◆ Work order ◆
The records that follow must be repeated exactly, minus the images.

◆ Data supplied ◆
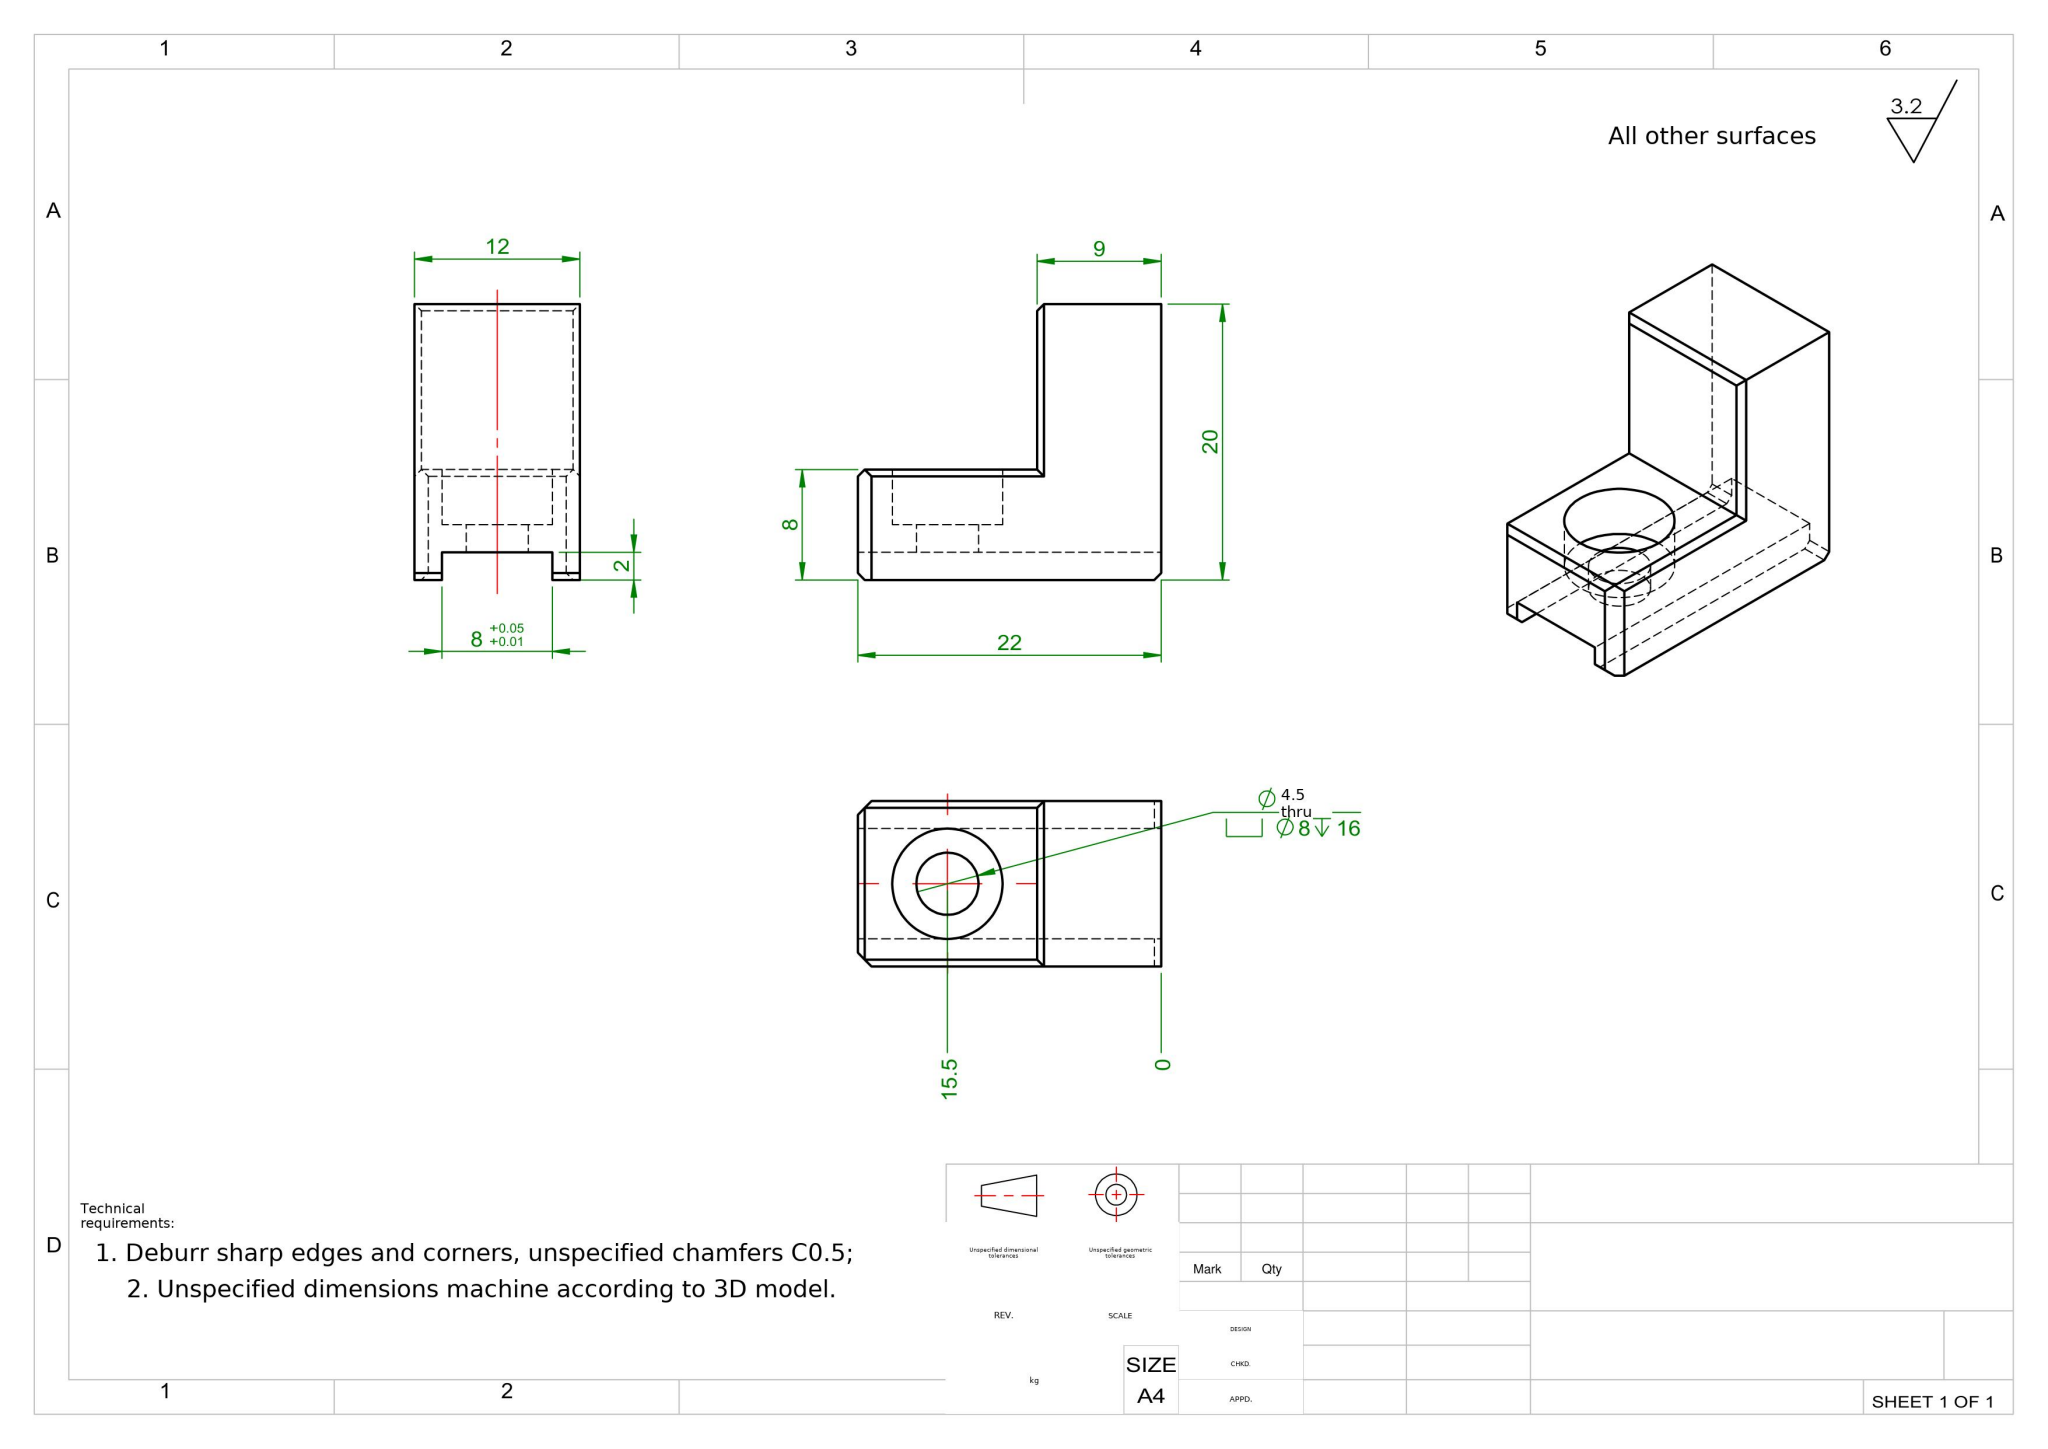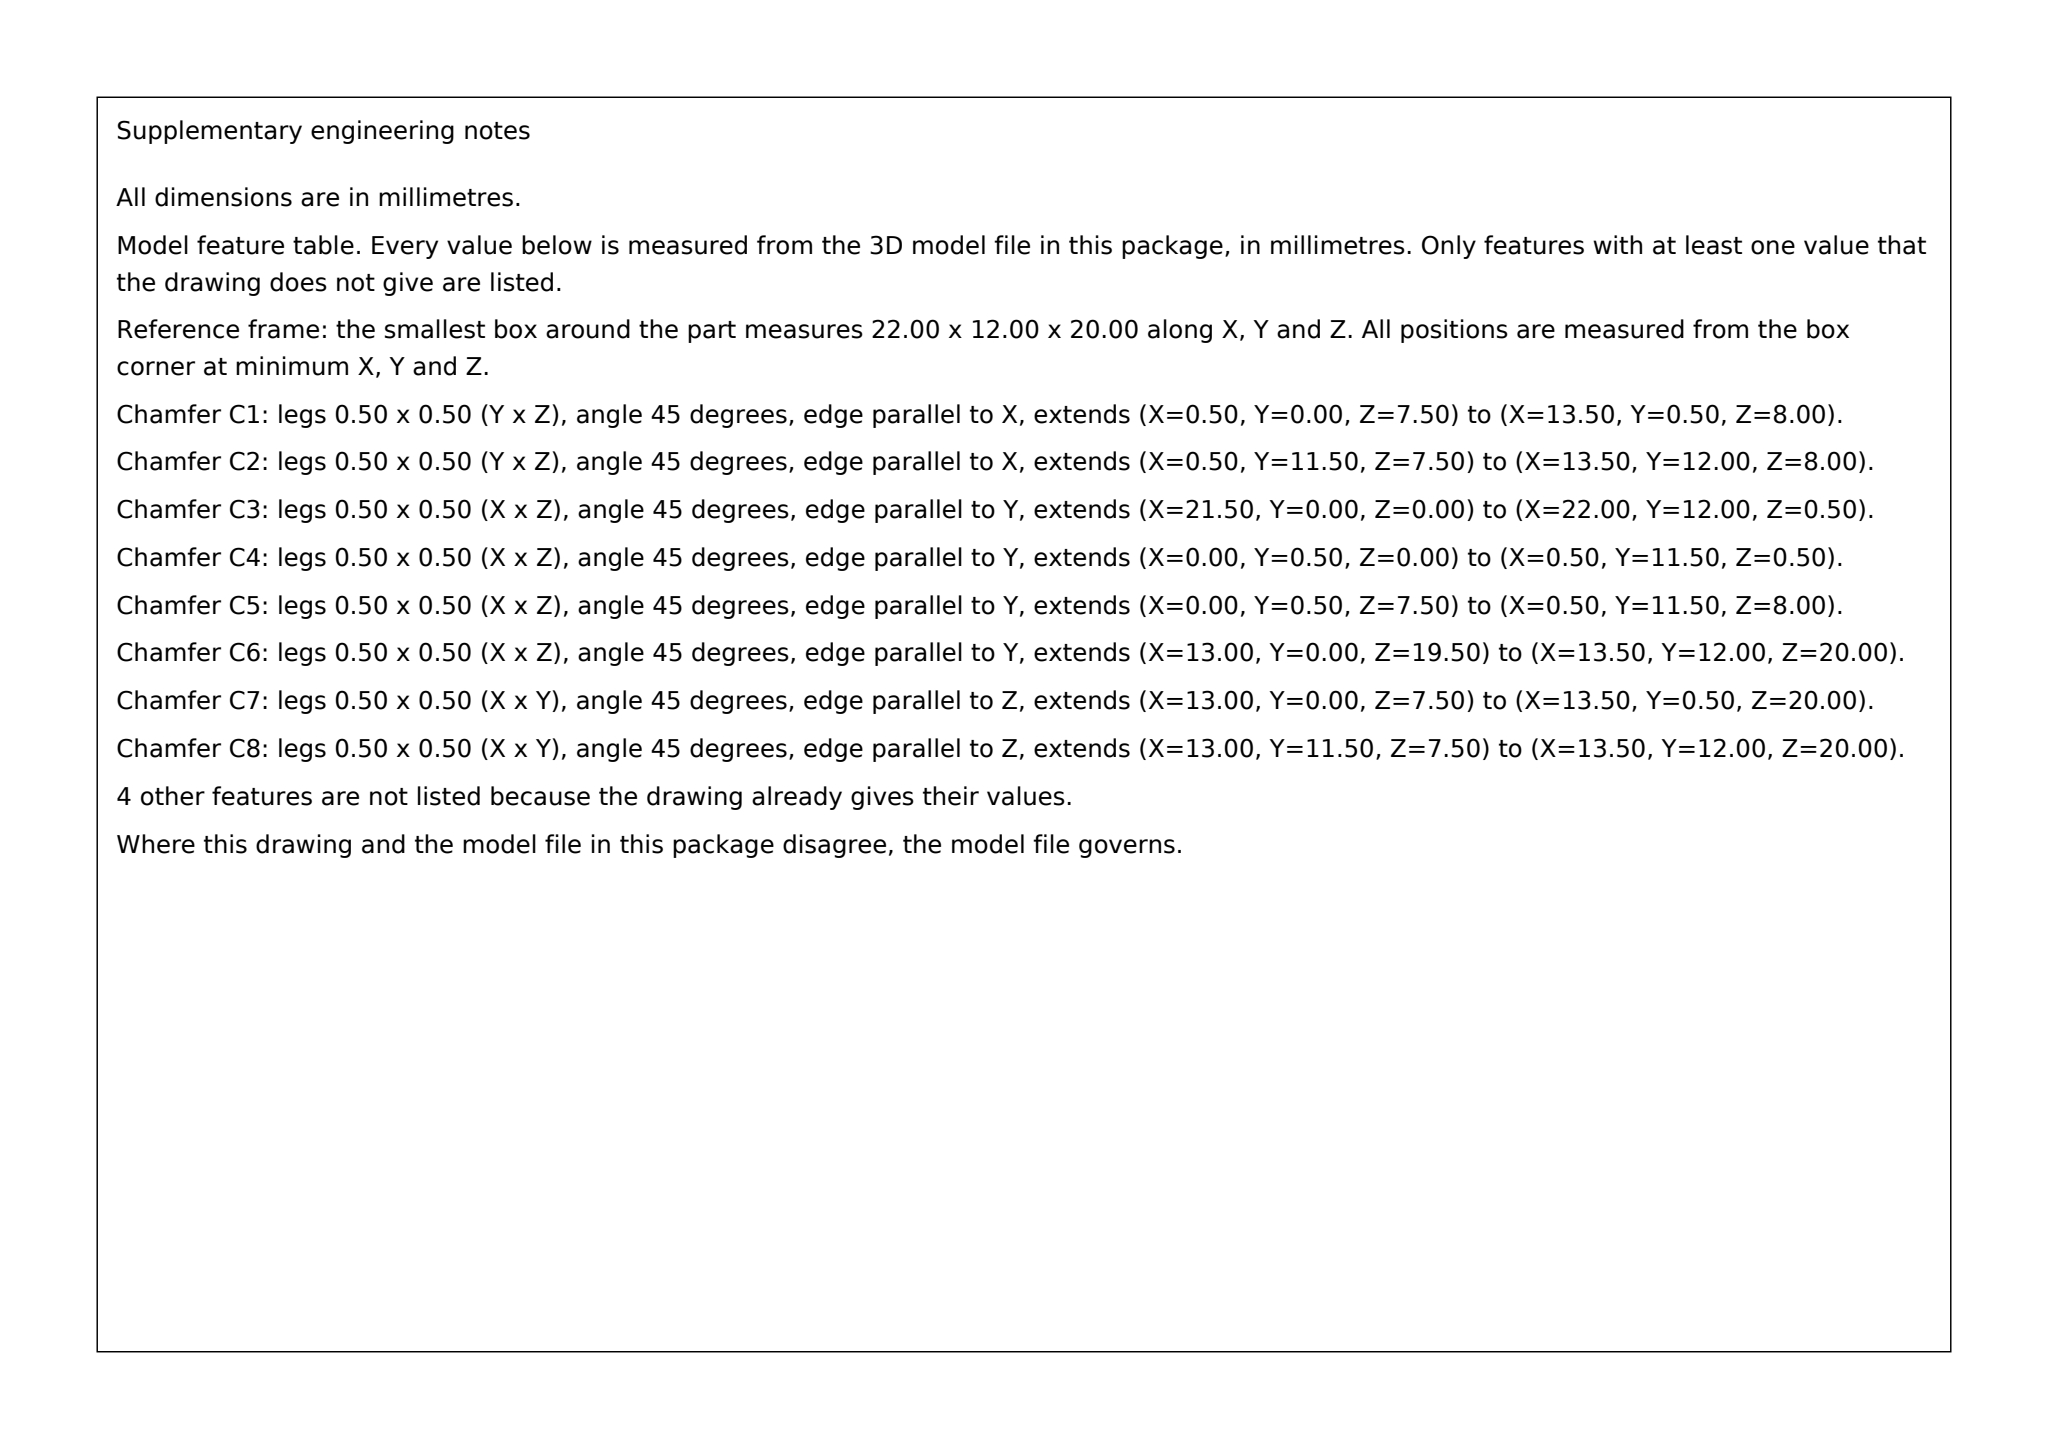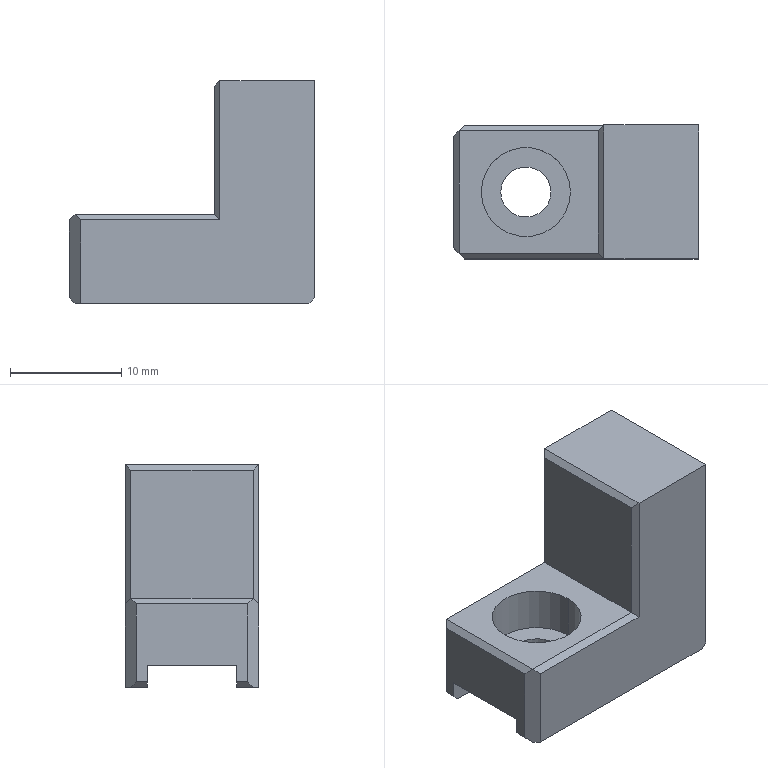Part | SolidWorks | mm | 1 solid | 29 faces | box 22 x 12 x 20 mm | volume 2806 mm3 | plane 25 | cylinder 4 | commonest cylinder face diameters 8 x2 4.5 x2
STEP:
#1=CARTESIAN_POINT('',(-8.5,0.,-6.));
#2=VERTEX_POINT('',#1);
#3=CARTESIAN_POINT('',(-0.5,0.,-6.));
#4=VERTEX_POINT('',#3);
#5=CARTESIAN_POINT('',(-4.5,0.,-6.));
#6=DIRECTION('',(0.,0.,1.));
#7=DIRECTION('',(1.,0.,0.));
#8=AXIS2_PLACEMENT_3D('',#5,#6,#7);
#9=CIRCLE('',#8,4.);
#10=EDGE_CURVE('',#2,#4,#9,.T.);
#11=ORIENTED_EDGE('',*,*,#10,.F.);
#12=CARTESIAN_POINT('',(-8.5,0.,-2.));
#13=VERTEX_POINT('',#12);
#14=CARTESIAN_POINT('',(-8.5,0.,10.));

◆ Task response ◆
Part | SolidWorks | mm | 1 solid | 29 faces | box 22 x 12 x 20 mm | volume 2806 mm3 | plane 25 | cylinder 4 | commonest cylinder face diameters 8 x2 4.5 x2
STEP:
#1=CARTESIAN_POINT('',(-8.5,0.,-6.));
#2=VERTEX_POINT('',#1);
#3=CARTESIAN_POINT('',(-0.5,0.,-6.));
#4=VERTEX_POINT('',#3);
#5=CARTESIAN_POINT('',(-4.5,0.,-6.));
#6=DIRECTION('',(0.,0.,1.));
#7=DIRECTION('',(1.,0.,0.));
#8=AXIS2_PLACEMENT_3D('',#5,#6,#7);
#9=CIRCLE('',#8,4.);
#10=EDGE_CURVE('',#2,#4,#9,.T.);
#11=ORIENTED_EDGE('',*,*,#10,.F.);
#12=CARTESIAN_POINT('',(-8.5,0.,-2.));
#13=VERTEX_POINT('',#12);
#14=CARTESIAN_POINT('',(-8.5,0.,10.));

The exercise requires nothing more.